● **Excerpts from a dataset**

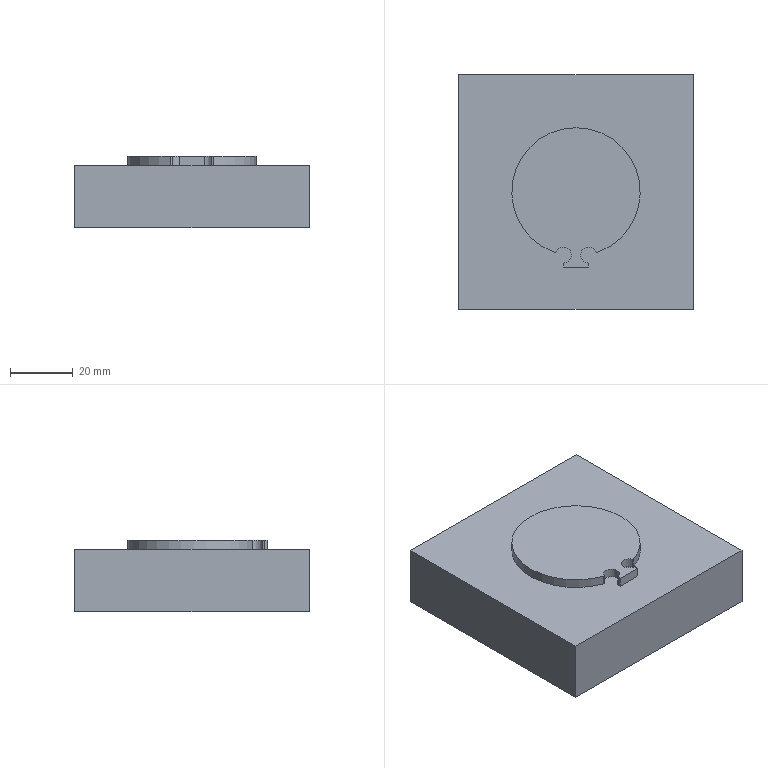CAM job | Mastercam | mm | 7 operations | part box 75 x 75 x 23
1. Facing | 24 - 100 平铣刀
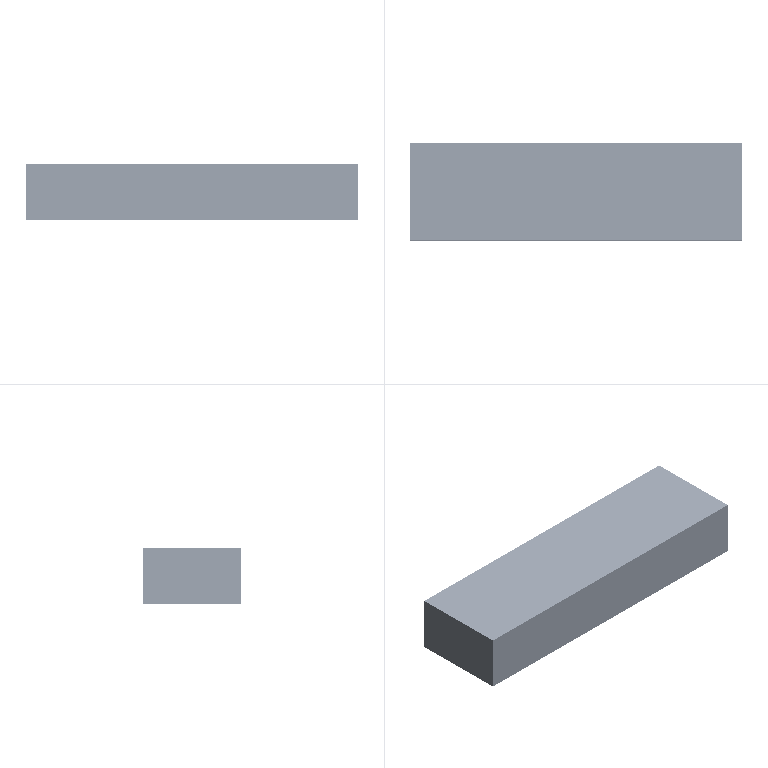2. 2D High Speed (2D Area Mill) | 10 - 10 平铣刀
3. Contour (Remachining) | 4 - 4 平铣刀
4. 2D High Speed (2D Area Mill) | 4 - 4 平铣刀
5. Contour (2D) | 4 - 4 平铣刀
6. Contour (2D chamfer) | 7 - 4 倒角刀
7. Drill/Counterbore | 7 - 4 倒角刀
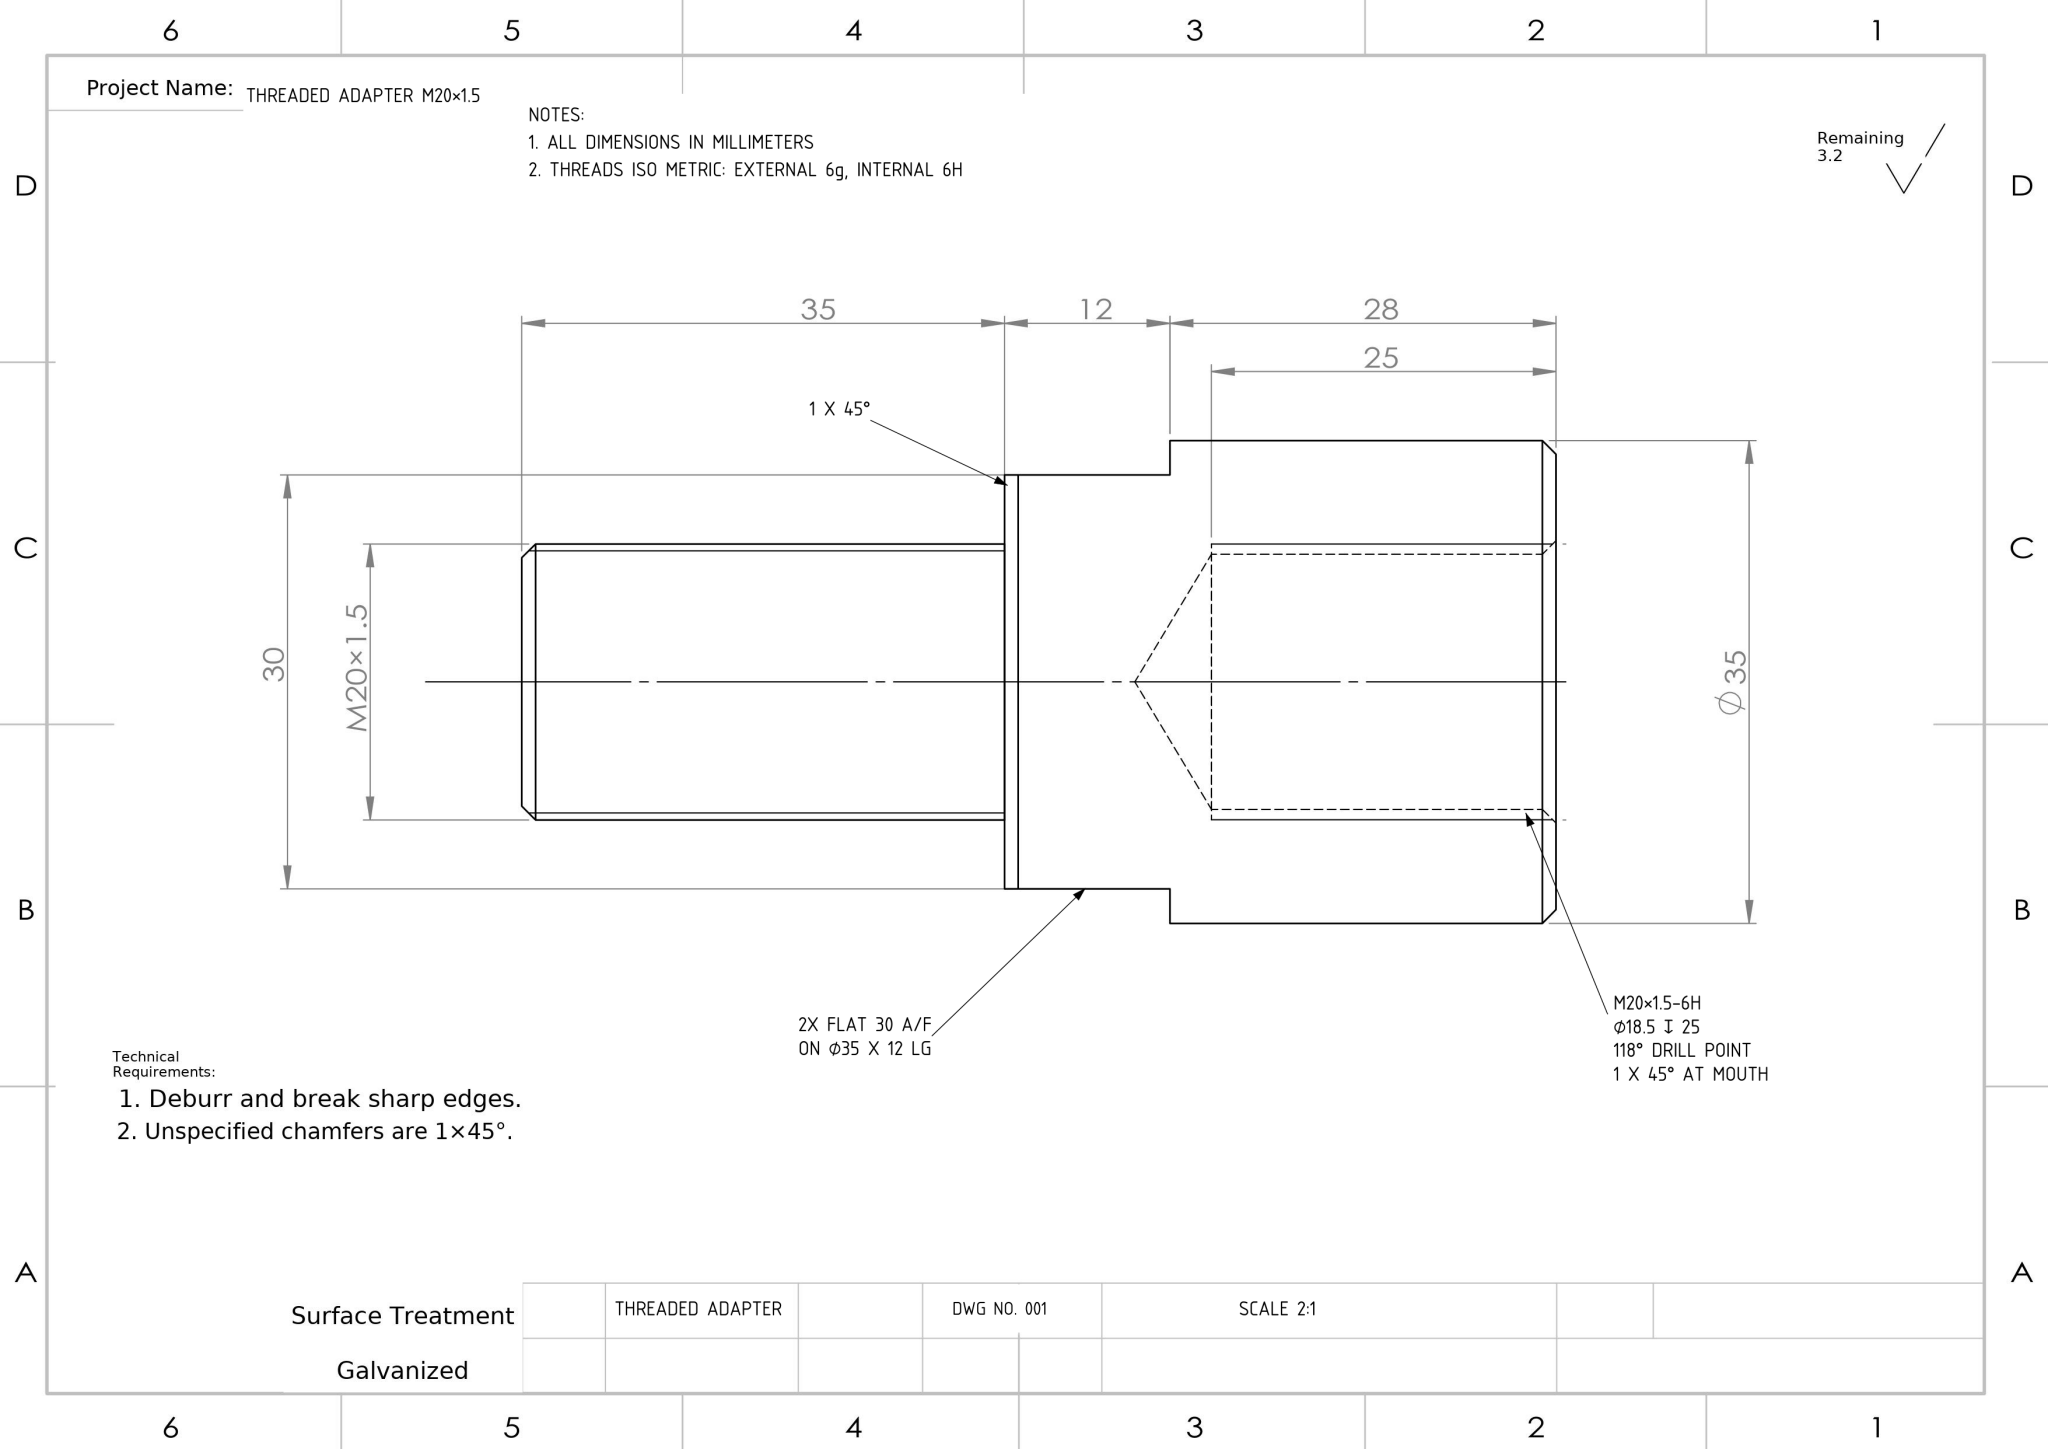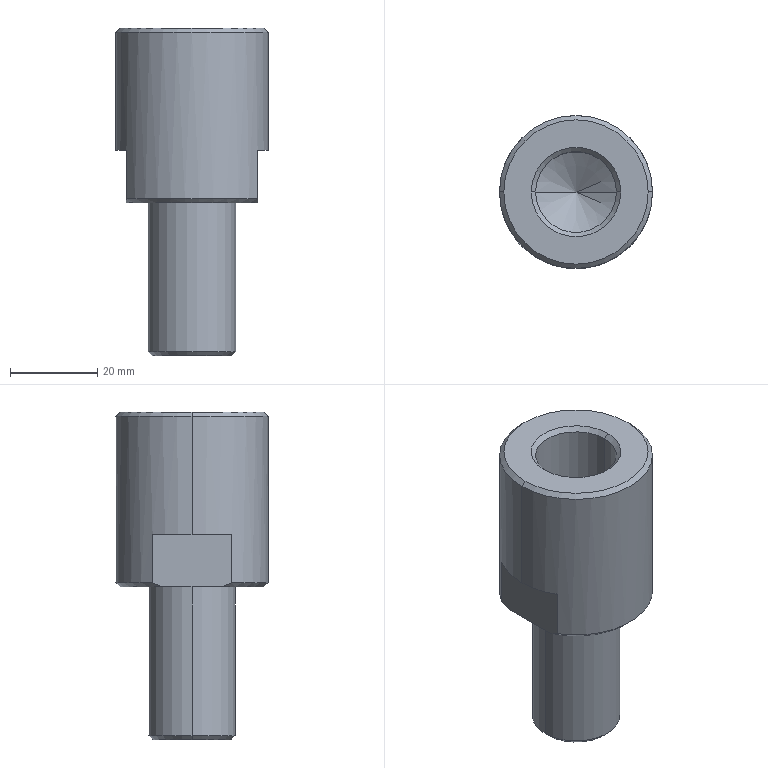Part | NX | mm | 1 solid | 23 faces | box 35 x 35 x 75 mm | volume 41379 mm3 | cone 10 | plane 7 | cylinder 6 | commonest cylinder face diameters 18.5 x2 35 x2 20 x2
STEP:
#1=COLOUR_RGB('',0.7529,0.7529,0.7529);
#2=FILL_AREA_STYLE_COLOUR('',#1);
#3=FILL_AREA_STYLE('',(#2));
#4=SURFACE_STYLE_FILL_AREA(#3);
#5=SURFACE_SIDE_STYLE('',(#4));
#6=SURFACE_STYLE_USAGE(.BOTH.,#5);
#7=PRESENTATION_STYLE_ASSIGNMENT((#6));
#8=CARTESIAN_POINT('',(-9.25,0.,50.));
#9=VERTEX_POINT('',#8);
#10=CARTESIAN_POINT('',(-9.25,0.,74.));
#11=VERTEX_POINT('',#10);
#12=CARTESIAN_POINT('',(-9.25,0.,75.));
#13=DIRECTION('',(0.,0.,1.));
#14=VECTOR('',#13,1000.);
#15=LINE('',#12,#14);
#16=EDGE_CURVE('',#9,#11,#15,.T.);
#17=ORIENTED_EDGE('',*,*,#16,.F.);
#18=CARTESIAN_POINT('',(9.25,0.,50.));
#19=VERTEX_POINT('',#18);
#20=CARTESIAN_POINT('',(0.,0.,50.));
#21=DIRECTION('',(0.,0.,1.));
#22=DIRECTION('',(1.,0.,0.));
#23=AXIS2_PLACEMENT_3D('',#20,#21,#22);
#24=CIRCLE('',#23,9.25);
#25=EDGE_CURVE('',#19,#9,#24,.T.);
#26=ORIENTED_EDGE('',*,*,#25,.F.);
#27=CARTESIAN_POINT('',(9.25,0.,74.));
#28=VERTEX_POINT('',#27);
#29=CARTESIAN_POINT('',(9.25,0.,75.));
#30=DIRECTION('',(0.,0.,1.));
#31=VECTOR('',#30,1000.);
#32=LINE('',#29,#31);
#33=EDGE_CURVE('',#19,#28,#32,.T.);
#34=ORIENTED_EDGE('',*,*,#33,.T.);
#35=CARTESIAN_POINT('',(0.,0.,74.));
#36=DIRECTION('',(0.,0.,1.));
#37=DIRECTION('',(1.,0.,0.));
#38=AXIS2_PLACEMENT_3D('',#35,#36,#37);
#39=CIRCLE('',#38,9.25);
#40=EDGE_CURVE('',#28,#11,#39,.T.);
#41=ORIENTED_EDGE('',*,*,#40,.T.);
#42=EDGE_LOOP('',(#17,#26,#34,#41));
#43=FACE_OUTER_BOUND('',#42,.T.);
#44=CARTESIAN_POINT('',(0.,0.,75.));
#45=DIRECTION('',(0.,0.,1.));
#46=DIRECTION('',(1.,0.,0.));
#47=AXIS2_PLACEMENT_3D('',#44,#45,#46);
#48=CYLINDRICAL_SURFACE('',#47,9.25);
#49=ADVANCED_FACE('',(#43),#48,.F.);
#50=STYLED_ITEM('',(#7),#49);
#51=(LENGTH_UNIT()NAMED_UNIT(*)SI_UNIT(.MILLI.,.METRE.));
#52=UNCERTAINTY_MEASURE_WITH_UNIT(LENGTH_MEASURE(0.00001),#51,'','');
#53=(NAMED_UNIT(*)PLANE_ANGLE_UNIT()SI_UNIT($,.RADIAN.));
#54=(NAMED_UNIT(*)SI_UNIT($,.STERADIAN.)SOLID_ANGLE_UNIT());
#55=(GEOMETRIC_REPRESENTATION_CONTEXT(3)GLOBAL_UNCERTAINTY_ASSIGNED_CONTEXT((#52))GLOBAL_UNIT_ASSIGNED_CONTEXT((#51,#53,#54))REPRESENTATION_CONTEXT('',''));
#56=MECHANICAL_DESIGN_GEOMETRIC_PRESENTATION_REPRESENTATION('',(#50),#55);
#57=PRESENTATION_LAYER_ASSIGNMENT('','',(#50));
#58=COLOUR_RGB('',0.7529,0.7529,0.7529);
#59=FILL_AREA_STYLE_COLOUR('',#58);
#60=FILL_AREA_STYLE('',(#59));
#61=SURFACE_STYLE_FILL_AREA(#60);
#62=SURFACE_SIDE_STYLE('',(#61));
#63=SURFACE_STYLE_USAGE(.BOTH.,#62);
#64=PRESENTATION_STYLE_ASSIGNMENT((#63));
#65=CARTESIAN_POINT('',(0.,0.,50.));
#66=DIRECTION('',(0.,0.,1.));
#67=DIRECTION('',(1.,0.,0.));
#68=AXIS2_PLACEMENT_3D('',#65,#66,#67);
#69=CIRCLE('',#68,9.25);
#70=EDGE_CURVE('',#9,#19,#69,.T.);
#71=ORIENTED_EDGE('',*,*,#70,.F.);
#72=ORIENTED_EDGE('',*,*,#16,.T.);
#73=CARTESIAN_POINT('',(0.,0.,74.));
#74=DIRECTION('',(0.,0.,1.));
#75=DIRECTION('',(1.,0.,0.));
#76=AXIS2_PLACEMENT_3D('',#73,#74,#75);
#77=CIRCLE('',#76,9.25);
#78=EDGE_CURVE('',#11,#28,#77,.T.);
#79=ORIENTED_EDGE('',*,*,#78,.T.);
#80=ORIENTED_EDGE('',*,*,#33,.F.);
#81=EDGE_LOOP('',(#71,#72,#79,#80));
#82=FACE_OUTER_BOUND('',#81,.T.);
#83=CARTESIAN_POINT('',(0.,0.,75.));
#84=DIRECTION('',(0.,0.,1.));
#85=DIRECTION('',(1.,0.,0.));
#86=AXIS2_PLACEMENT_3D('',#83,#84,#85);
#87=CYLINDRICAL_SURFACE('',#86,9.25);
#88=ADVANCED_FACE('',(#82),#87,.F.);
#89=STYLED_ITEM('',(#64),#88);
#90=PRESENTATION_LAYER_ASSIGNMENT('','',(#89));
#91=COLOUR_RGB('',0.7529,0.7529,0.7529);
#92=FILL_AREA_STYLE_COLOUR('',#91);
#93=FILL_AREA_STYLE('',(#92));
#94=SURFACE_STYLE_FILL_AREA(#93);
#95=SURFACE_SIDE_STYLE('',(#94));
#96=SURFACE_STYLE_USAGE(.BOTH.,#95);
#97=PRESENTATION_STYLE_ASSIGNMENT((#96));
#98=ORIENTED_EDGE('',*,*,#78,.F.);
#99=CARTESIAN_POINT('',(-10.25,0.,75.));
#100=VERTEX_POINT('',#99);
#101=CARTESIAN_POINT('',(-9.25,0.,74.));
#102=DIRECTION('',(-0.7071,0.,0.7071));
#103=VECTOR('',#102,1000.);
#104=LINE('',#101,#103);
#105=EDGE_CURVE('',#11,#100,#104,.T.);
#106=ORIENTED_EDGE('',*,*,#105,.T.);
#107=CARTESIAN_POINT('',(10.25,0.,75.));
#108=VERTEX_POINT('',#107);
#109=CARTESIAN_POINT('',(0.,0.,75.));
#110=DIRECTION('',(0.,0.,-1.));
#111=DIRECTION('',(1.,0.,0.));
#112=AXIS2_PLACEMENT_3D('',#109,#110,#111);
#113=CIRCLE('',#112,10.25);
#114=EDGE_CURVE('',#108,#100,#113,.T.);
#115=ORIENTED_EDGE('',*,*,#114,.F.);
#116=CARTESIAN_POINT('',(9.25,0.,74.));
#117=DIRECTION('',(0.7071,0.,0.7071));
#118=VECTOR('',#117,1000.);
#119=LINE('',#116,#118);
#120=EDGE_CURVE('',#28,#108,#119,.T.);
#121=ORIENTED_EDGE('',*,*,#120,.F.);
#122=EDGE_LOOP('',(#98,#106,#115,#121));
#123=FACE_OUTER_BOUND('',#122,.T.);
#124=CARTESIAN_POINT('',(0.,0.,74.));
#125=DIRECTION('',(0.,0.,1.));
#126=DIRECTION('',(1.,0.,0.));
#127=AXIS2_PLACEMENT_3D('',#124,#125,#126);
#128=CONICAL_SURFACE('',#127,9.25,0.7854);
#129=ADVANCED_FACE('',(#123),#128,.F.);
#130=CARTESIAN_POINT('',(-0.,0.,44.442));
#131=VERTEX_POINT('',#130);
#132=CARTESIAN_POINT('',(9.25,0.,50.));
#133=DIRECTION('',(0.8572,0.,0.515));
#134=VECTOR('',#133,1000.);
#135=LINE('',#132,#134);
#136=EDGE_CURVE('',#131,#19,#135,.T.);
#137=ORIENTED_EDGE('',*,*,#136,.F.);
#138=CARTESIAN_POINT('',(-9.25,0.,50.));
#139=DIRECTION('',(-0.8572,0.,0.515));
#140=VECTOR('',#139,1000.);
#141=LINE('',#138,#140);
#142=EDGE_CURVE('',#131,#9,#141,.T.);
#143=ORIENTED_EDGE('',*,*,#142,.T.);
#144=ORIENTED_EDGE('',*,*,#70,.T.);
#145=EDGE_LOOP('',(#137,#143,#144));
#146=FACE_OUTER_BOUND('',#145,.T.);
#147=CARTESIAN_POINT('',(0.,0.,50.));
#148=DIRECTION('',(0.,0.,1.));
#149=DIRECTION('',(1.,0.,0.));
#150=AXIS2_PLACEMENT_3D('',#147,#148,#149);
#151=CONICAL_SURFACE('',#150,9.25,1.03);
#152=ADVANCED_FACE('',(#146),#151,.F.);
#153=CARTESIAN_POINT('',(-9.,0.,0.));
#154=VERTEX_POINT('',#153);
#155=CARTESIAN_POINT('',(9.,0.,0.));
#156=VERTEX_POINT('',#155);
#157=CARTESIAN_POINT('',(0.,0.,0.));
#158=DIRECTION('',(0.,0.,-1.));
#159=DIRECTION('',(1.,0.,0.));
#160=AXIS2_PLACEMENT_3D('',#157,#158,#159);
#161=CIRCLE('',#160,9.);
#162=EDGE_CURVE('',#154,#156,#161,.T.);
#163=ORIENTED_EDGE('',*,*,#162,.F.);
#164=CARTESIAN_POINT('',(-10.,0.,1.));
#165=VERTEX_POINT('',#164);
#166=CARTESIAN_POINT('',(-10.,0.,1.));
#167=DIRECTION('',(-0.7071,0.,0.7071));
#168=VECTOR('',#167,1000.);
#169=LINE('',#166,#168);
#170=EDGE_CURVE('',#154,#165,#169,.T.);
#171=ORIENTED_EDGE('',*,*,#170,.T.);
#172=CARTESIAN_POINT('',(10.,0.,1.));
#173=VERTEX_POINT('',#172);
#174=CARTESIAN_POINT('',(0.,0.,1.));
#175=DIRECTION('',(0.,0.,1.));
#176=DIRECTION('',(1.,0.,0.));
#177=AXIS2_PLACEMENT_3D('',#174,#175,#176);
#178=CIRCLE('',#177,10.);
#179=EDGE_CURVE('',#173,#165,#178,.T.);
#180=ORIENTED_EDGE('',*,*,#179,.F.);
#181=CARTESIAN_POINT('',(10.,0.,1.));
#182=DIRECTION('',(0.7071,0.,0.7071));
#183=VECTOR('',#182,1000.);
#184=LINE('',#181,#183);
#185=EDGE_CURVE('',#156,#173,#184,.T.);
#186=ORIENTED_EDGE('',*,*,#185,.F.);
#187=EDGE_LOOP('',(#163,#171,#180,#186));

● **Exercise details**
I'd like the lines above from the one with "#23=AXIS2_PLACEMENT_3D('',#20,#21,#22);" up to and including the one with "#32=LINE('',#29,#31);" copied exactly, with no other lines.

● **Output**
#23=AXIS2_PLACEMENT_3D('',#20,#21,#22);
#24=CIRCLE('',#23,9.25);
#25=EDGE_CURVE('',#19,#9,#24,.T.);
#26=ORIENTED_EDGE('',*,*,#25,.F.);
#27=CARTESIAN_POINT('',(9.25,0.,74.));
#28=VERTEX_POINT('',#27);
#29=CARTESIAN_POINT('',(9.25,0.,75.));
#30=DIRECTION('',(0.,0.,1.));
#31=VECTOR('',#30,1000.);
#32=LINE('',#29,#31);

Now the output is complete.